INPUT:
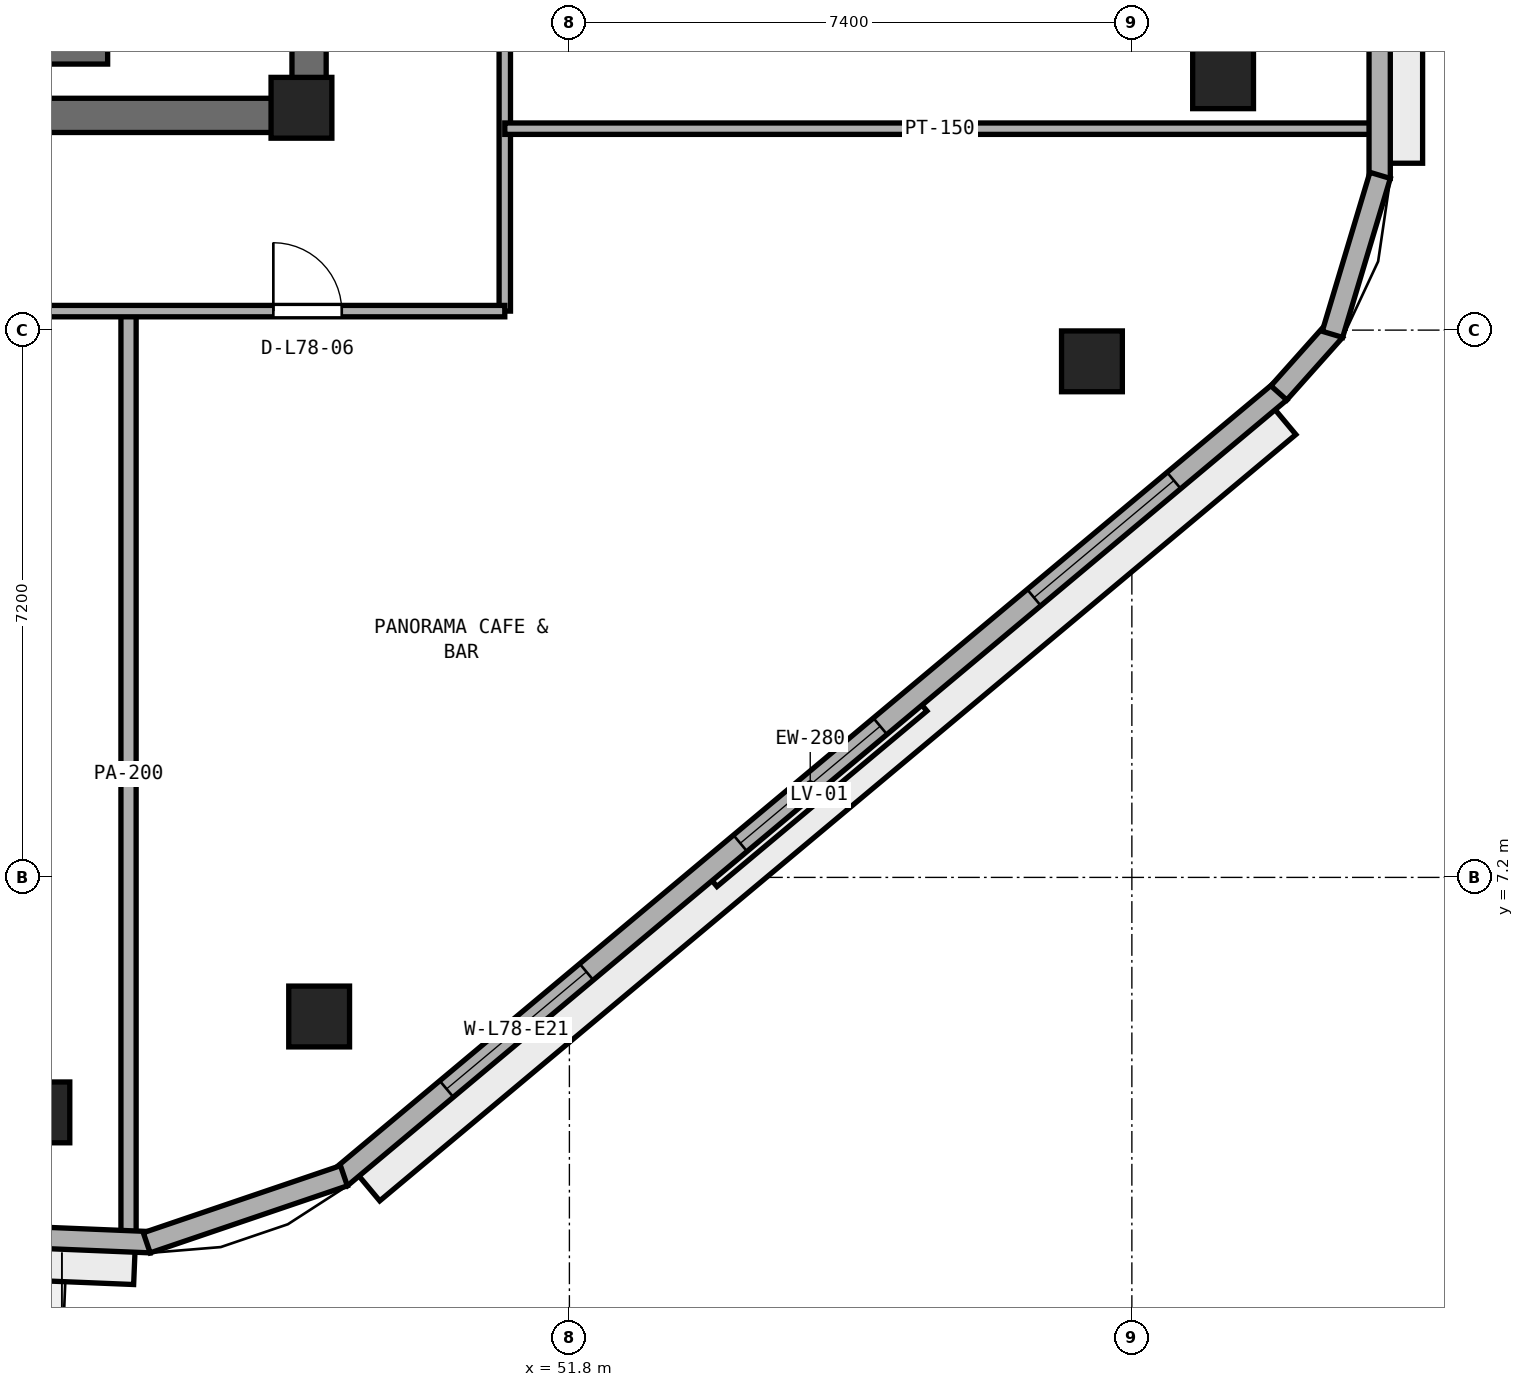
"""IFC4 building model, lengths in metres.
Left out: names, types, materials, properties, quantities, classifications, styles, units other than length and angle.
Written with IfcOpenShell. Run it as: python <this file> out.ifc"""

import sys

from ifc_helpers import new_model, si_unit, direction, frame, frame_2d, origin, origin_2d, place, context, subcontext, project, spatial, rectangle, extrude, element, fill, save


model = new_model("IFC4")
c1 = context("Model", 3, precision=1e-05, world=origin(), true_north=direction((0.0, 1.0)))
c2 = subcontext(c1, "Body", "Model", "MODEL_VIEW")
j1 = project(units=[si_unit("LENGTHUNIT", "METRE"), si_unit("PLANEANGLEUNIT", "RADIAN")], contexts=[c1])
p1 = place(None, origin())
s1 = spatial("IfcSite", under=j1, at=p1, CompositionType="ELEMENT")
p2 = place(p1, origin())
s2 = spatial("IfcBuilding", under=s1, at=p2, CompositionType="ELEMENT")
p3 = place(p2, frame((0.0, 0.0, 304.8)))
s3 = spatial("IfcBuildingStorey", under=s2, at=p3, CompositionType="ELEMENT", Elevation=304.8)
p4 = place(p3, frame((25.4, 17.225, 0.0), z_axis=(0.0, 0.0, 1.0), x_axis=(1.0, 0.0, 0.0)))
e1 = element("IfcWall", 1, at=p4, inside=s3, PredefinedType="SHEAR", context=c2, shape_type="SweptSolid", body=[
    extrude(rectangle(XDim=23.2, YDim=0.45, at=frame_2d((11.6, 0.0))), origin(), (0.0, 0.0, 1.0), 3.4),
])
p5 = place(p3, frame((48.375, 17.45, 0.0), z_axis=(0.0, 0.0, 1.0), x_axis=(0.0, 1.0, 0.0)))
e2 = element("IfcWall", 2, at=p5, inside=s3, PredefinedType="SHEAR", context=c2, shape_type="SweptSolid", body=[
    extrude(rectangle(XDim=15.5, YDim=0.45, at=frame_2d((7.75, 0.0))), origin(), (0.0, 0.0, 1.0), 3.4),
])
p6 = place(p5, frame((5.85, 0.0, 0.0)))
e3 = element("IfcOpeningElement", 3, at=p6, cuts=e2, PredefinedType="OPENING", context=c2, shape_type="SweptSolid", body=[
    extrude(rectangle(XDim=1.5, YDim=2.15, at=frame_2d((0.75, 1.075))), frame((0.0, 0.235, 0.0), z_axis=(0.0, -1.0, 0.0), x_axis=(1.0, 0.0, 0.0)), (0.0, 0.0, 1.0), 0.47),
])
p7 = place(p3, frame((48.275, 17.325, 0.0), z_axis=(0.0, 0.0, 1.0), x_axis=(1.0, 0.0, 0.0)))
e4 = element("IfcColumn", 4, at=p7, inside=s3, PredefinedType="PILASTER", context=c2, shape_type="SweptSolid", body=[
    extrude(rectangle(XDim=0.8, YDim=0.8, at=origin_2d()), origin(), (0.0, 0.0, 1.0), 3.8),
])
for number, where, z_axis, x_axis in (
    (5, (44.827, 4.108, 0.0), (0.0, 0.0, 1.0), (1.0, 0.0, 0.0)),
    (6, (48.508, 5.37, 0.0), (0.0, 0.0, 1.0), (1.0, 0.0, 0.0)),
    (7, (58.675, 13.989, 0.0), (0.0, 0.0, 1.0), (1.0, 0.0, 0.0)),
    (8, (60.4, 17.714, 0.0), (0.0, 0.0, 1.0), (1.0, 0.0, 0.0)),
):
    element("IfcColumn", number, at=place(p3, frame(where, z_axis=z_axis, x_axis=x_axis)), inside=s3, PredefinedType="COLUMN", context=c2, shape_type="SweptSolid", body=[
        extrude(rectangle(XDim=0.8, YDim=0.8, at=origin_2d()), origin(), (0.0, 0.0, 1.0), 3.8),
    ])
p8 = place(p3, frame((38.425, 18.025, 0.0), z_axis=(0.0, 0.0, 1.0), x_axis=(1.0, 0.0, 0.0)))
e9 = element("IfcWall", 9, at=p8, inside=s3, PredefinedType="SHEAR", context=c2, shape_type="SweptSolid", body=[
    extrude(rectangle(XDim=7.3, YDim=0.25, at=frame_2d((3.65, 0.0))), origin(), (0.0, 0.0, 1.0), 3.4),
])
p9 = place(p3, frame((50.95, 14.65, 0.0), z_axis=(0.0, 0.0, 1.0), x_axis=(0.0, 1.0, 0.0)))
e10 = element("IfcWall", 10, at=p9, inside=s3, PredefinedType="PARTITIONING", context=c2, shape_type="SweptSolid", body=[
    extrude(rectangle(XDim=13.15, YDim=0.15, at=frame_2d((6.575, 0.0))), origin(), (0.0, 0.0, 1.0), 3.4),
])
p10 = place(p9, frame((4.275, 0.0, 0.0)))
e11 = element("IfcOpeningElement", 11, at=p10, cuts=e10, PredefinedType="OPENING", context=c2, shape_type="SweptSolid", body=[
    extrude(rectangle(XDim=0.9, YDim=2.1, at=frame_2d((0.45, 1.05))), frame((0.0, 0.085, 0.0), z_axis=(0.0, -1.0, 0.0), x_axis=(1.0, 0.0, 0.0)), (0.0, 0.0, 1.0), 0.17),
])
p11 = place(p9, frame((9.53, 0.0, 0.0)))
e12 = element("IfcOpeningElement", 12, at=p11, cuts=e10, PredefinedType="OPENING", context=c2, shape_type="SweptSolid", body=[
    extrude(rectangle(XDim=0.9, YDim=2.1, at=frame_2d((0.45, 1.05))), frame((0.0, 0.085, 0.0), z_axis=(0.0, -1.0, 0.0), x_axis=(1.0, 0.0, 0.0)), (0.0, 0.0, 1.0), 0.17),
])
p12 = place(p3, frame((46.0, 2.477, 0.0), z_axis=(0.0, 0.0, 1.0), x_axis=(0.0, 1.0, 0.0)))
e13 = element("IfcWall", 13, at=p12, inside=s3, PredefinedType="PARTITIONING", context=c2, shape_type="SweptSolid", body=[
    extrude(rectangle(XDim=12.173, YDim=0.2, at=frame_2d((6.086, 0.0))), origin(), (0.0, 0.0, 1.0), 3.4),
])
p13 = place(p3, frame((38.35, 14.65, 0.0), z_axis=(0.0, 0.0, 1.0), x_axis=(1.0, 0.0, 0.0)))
e14 = element("IfcWall", 14, at=p13, inside=s3, PredefinedType="PARTITIONING", context=c2, shape_type="SweptSolid", body=[
    extrude(rectangle(XDim=12.6, YDim=0.15, at=frame_2d((6.3, 0.0))), origin(), (0.0, 0.0, 1.0), 3.4),
])
p14 = place(p13, frame((9.555, 0.0, 0.0)))
e15 = element("IfcOpeningElement", 15, at=p14, cuts=e14, PredefinedType="OPENING", context=c2, shape_type="SweptSolid", body=[
    extrude(rectangle(XDim=0.9, YDim=2.1, at=frame_2d((0.45, 1.05))), frame((0.0, 0.085, 0.0), z_axis=(0.0, -1.0, 0.0), x_axis=(1.0, 0.0, 0.0)), (0.0, 0.0, 1.0), 0.17),
])
p15 = place(p3, frame((50.95, 17.05, 0.0), z_axis=(0.0, 0.0, 1.0), x_axis=(1.0, 0.0, 0.0)))
e16 = element("IfcWall", 16, at=p15, inside=s3, PredefinedType="PARTITIONING", context=c2, shape_type="SweptSolid", body=[
    extrude(rectangle(XDim=11.445, YDim=0.15, at=frame_2d((5.723, 0.0))), origin(), (0.0, 0.0, 1.0), 3.4),
])
p16 = place(p3, frame((29.428, 3.093, 0.0), z_axis=(0.0, 0.0, 1.0), x_axis=(0.999156257967, -0.041070331944, 0.0)))
e17 = element("IfcWall", 17, at=p16, inside=s3, PredefinedType="STANDARD", context=c2, shape_type="SweptSolid", body=[
    extrude(rectangle(XDim=16.876, YDim=0.28, at=frame_2d((8.438, 0.0))), origin(), (0.0, 0.0, 1.0), 3.4),
])
p17 = place(p16, frame((7.588, 0.0, 0.0)))
e18 = element("IfcOpeningElement", 18, at=p17, cuts=e17, PredefinedType="OPENING", context=c2, shape_type="SweptSolid", body=[
    extrude(rectangle(XDim=1.1, YDim=2.2, at=frame_2d((0.55, 1.1))), frame((0.0, 0.15, 0.0), z_axis=(0.0, -1.0, 0.0), x_axis=(1.0, 0.0, 0.0)), (0.0, 0.0, 1.0), 0.3),
])
p18 = place(p16, frame((1.946, 0.0, 0.9)))
e19 = element("IfcOpeningElement", 19, at=p18, cuts=e17, PredefinedType="OPENING", context=c2, shape_type="SweptSolid", body=[
    extrude(rectangle(XDim=2.4, YDim=1.75, at=frame_2d((1.2, 0.875))), frame((0.0, 0.15, 0.0), z_axis=(0.0, -1.0, 0.0), x_axis=(1.0, 0.0, 0.0)), (0.0, 0.0, 1.0), 0.3),
])
p19 = place(p16, frame((12.53, 0.0, 0.9)))
e20 = element("IfcOpeningElement", 20, at=p19, cuts=e17, PredefinedType="OPENING", context=c2, shape_type="SweptSolid", body=[
    extrude(rectangle(XDim=2.4, YDim=1.75, at=frame_2d((1.2, 0.875))), frame((0.0, 0.15, 0.0), z_axis=(0.0, -1.0, 0.0), x_axis=(1.0, 0.0, 0.0)), (0.0, 0.0, 1.0), 0.3),
])
p20 = place(p3, frame((48.789, 3.25, 0.0), z_axis=(0.0, 0.0, 1.0), x_axis=(0.767032672101, 0.641608042288, 0.0)))
e21 = element("IfcWall", 21, at=p20, inside=s3, PredefinedType="STANDARD", context=c2, shape_type="SweptSolid", body=[
    extrude(rectangle(XDim=16.113, YDim=0.28, at=frame_2d((8.057, 0.0))), origin(), (0.0, 0.0, 1.0), 3.4),
])
p21 = place(p20, frame((1.819, 0.0, 0.9)))
e22 = element("IfcOpeningElement", 22, at=p21, cuts=e21, PredefinedType="OPENING", context=c2, shape_type="SweptSolid", body=[
    extrude(rectangle(XDim=2.4, YDim=1.75, at=frame_2d((1.2, 0.875))), frame((0.0, 0.15, 0.0), z_axis=(0.0, -1.0, 0.0), x_axis=(1.0, 0.0, 0.0)), (0.0, 0.0, 1.0), 0.3),
])
p22 = place(p20, frame((6.857, 0.0, 0.9)))
e23 = element("IfcOpeningElement", 23, at=p22, cuts=e21, PredefinedType="OPENING", context=c2, shape_type="SweptSolid", body=[
    extrude(rectangle(XDim=2.4, YDim=1.75, at=frame_2d((1.2, 0.875))), frame((0.0, 0.15, 0.0), z_axis=(0.0, -1.0, 0.0), x_axis=(1.0, 0.0, 0.0)), (0.0, 0.0, 1.0), 0.3),
])
p23 = place(p20, frame((11.895, 0.0, 0.9)))
e24 = element("IfcOpeningElement", 24, at=p23, cuts=e21, PredefinedType="OPENING", context=c2, shape_type="SweptSolid", body=[
    extrude(rectangle(XDim=2.4, YDim=1.75, at=frame_2d((1.2, 0.875))), frame((0.0, 0.15, 0.0), z_axis=(0.0, -1.0, 0.0), x_axis=(1.0, 0.0, 0.0)), (0.0, 0.0, 1.0), 0.3),
])
p24 = place(p3, frame((62.46, 16.396, 0.0), z_axis=(0.0, 0.0, 1.0), x_axis=(0.0, 1.0, 0.0)))
e25 = element("IfcWall", 25, at=p24, inside=s3, PredefinedType="STANDARD", context=c2, shape_type="SweptSolid", body=[
    extrude(rectangle(XDim=18.854, YDim=0.28, at=frame_2d((9.427, 0.0))), origin(), (0.0, 0.0, 1.0), 3.4),
])
p25 = place(p24, frame((2.276, 0.0, 0.9)))
e26 = element("IfcOpeningElement", 26, at=p25, cuts=e25, PredefinedType="OPENING", context=c2, shape_type="SweptSolid", body=[
    extrude(rectangle(XDim=2.4, YDim=1.75, at=frame_2d((1.2, 0.875))), frame((0.0, 0.15, 0.0), z_axis=(0.0, -1.0, 0.0), x_axis=(1.0, 0.0, 0.0)), (0.0, 0.0, 1.0), 0.3),
])
p26 = place(p24, frame((8.227, 0.0, 0.9)))
e27 = element("IfcOpeningElement", 27, at=p26, cuts=e25, PredefinedType="OPENING", context=c2, shape_type="SweptSolid", body=[
    extrude(rectangle(XDim=2.4, YDim=1.75, at=frame_2d((1.2, 0.875))), frame((0.0, 0.15, 0.0), z_axis=(0.0, -1.0, 0.0), x_axis=(1.0, 0.0, 0.0)), (0.0, 0.0, 1.0), 0.3),
])
p27 = place(p24, frame((14.179, 0.0, 0.9)))
e28 = element("IfcOpeningElement", 28, at=p27, cuts=e25, PredefinedType="OPENING", context=c2, shape_type="SweptSolid", body=[
    extrude(rectangle(XDim=2.4, YDim=1.75, at=frame_2d((1.2, 0.875))), frame((0.0, 0.15, 0.0), z_axis=(0.0, -1.0, 0.0), x_axis=(1.0, 0.0, 0.0)), (0.0, 0.0, 1.0), 0.3),
])
p28 = place(p3, frame((46.24, 2.393, 0.0), z_axis=(0.0, 0.0, 1.0), x_axis=(0.946759165502, 0.321942669643, 0.0)))
e29 = element("IfcWall", 29, at=p28, inside=s3, PredefinedType="STANDARD", context=c2, shape_type="SweptSolid", body=[
    extrude(rectangle(XDim=2.74, YDim=0.28, at=frame_2d((1.37, 0.0))), origin(), (0.0, 0.0, 1.0), 3.4),
])
p29 = place(p3, frame((61.134, 13.574, 0.0), z_axis=(0.0, 0.0, 1.0), x_axis=(0.665804679247, 0.74612608123, 0.0)))
e30 = element("IfcWall", 30, at=p29, inside=s3, PredefinedType="STANDARD", context=c2, shape_type="SweptSolid", body=[
    extrude(rectangle(XDim=1.103, YDim=0.28, at=frame_2d((0.552, 0.0))), origin(), (0.0, 0.0, 1.0), 3.4),
])
p30 = place(p3, frame((61.839, 14.344, 0.0), z_axis=(0.0, 0.0, 1.0), x_axis=(0.287235049694, 0.957860128739, 0.0)))
e31 = element("IfcWall", 31, at=p30, inside=s3, PredefinedType="STANDARD", context=c2, shape_type="SweptSolid", body=[
    extrude(rectangle(XDim=2.184, YDim=0.28, at=frame_2d((1.092, 0.0))), origin(), (0.0, 0.0, 1.0), 3.4),
])
p31 = place(p14, origin())
e32 = element("IfcDoor", 32, at=p31, inside=s3, OperationType="SINGLE_SWING_LEFT", PredefinedType="DOOR", context=c2, shape_type="SweptSolid", body=[
    extrude(rectangle(XDim=0.9, YDim=2.1, at=frame_2d((0.45, 1.05))), frame((0.0, 0.025, 0.0), z_axis=(0.0, -1.0, 0.0), x_axis=(1.0, 0.0, 0.0)), (0.0, 0.0, 1.0), 0.05),
])
fill(e15, e32)
p32 = place(p21, origin())
e33 = element("IfcWindow", 33, at=p32, inside=s3, PartitioningType="SINGLE_PANEL", PredefinedType="WINDOW", context=c2, shape_type="SweptSolid", body=[
    extrude(rectangle(XDim=2.4, YDim=1.75, at=frame_2d((1.2, 0.875))), frame((0.0, 0.03, 0.0), z_axis=(0.0, -1.0, 0.0), x_axis=(1.0, 0.0, 0.0)), (0.0, 0.0, 1.0), 0.06),
])
fill(e22, e33)
p33 = place(p22, origin())
e34 = element("IfcWindow", 34, at=p33, inside=s3, PartitioningType="SINGLE_PANEL", PredefinedType="WINDOW", context=c2, shape_type="SweptSolid", body=[
    extrude(rectangle(XDim=2.4, YDim=1.75, at=frame_2d((1.2, 0.875))), frame((0.0, 0.03, 0.0), z_axis=(0.0, -1.0, 0.0), x_axis=(1.0, 0.0, 0.0)), (0.0, 0.0, 1.0), 0.06),
])
fill(e23, e34)
p34 = place(p23, origin())
e35 = element("IfcWindow", 35, at=p34, inside=s3, PartitioningType="SINGLE_PANEL", PredefinedType="WINDOW", context=c2, shape_type="SweptSolid", body=[
    extrude(rectangle(XDim=2.4, YDim=1.75, at=frame_2d((1.2, 0.875))), frame((0.0, 0.03, 0.0), z_axis=(0.0, -1.0, 0.0), x_axis=(1.0, 0.0, 0.0)), (0.0, 0.0, 1.0), 0.06),
])
fill(e24, e35)
save(model, sys.argv[1])

TASK: Copy the lines from the entries above in which the word "where" appears.

REPLY TO THE TASK:
for number, where, z_axis, x_axis in (
    element("IfcColumn", number, at=place(p3, frame(where, z_axis=z_axis, x_axis=x_axis)), inside=s3, PredefinedType="COLUMN", context=c2, shape_type="SweptSolid", body=[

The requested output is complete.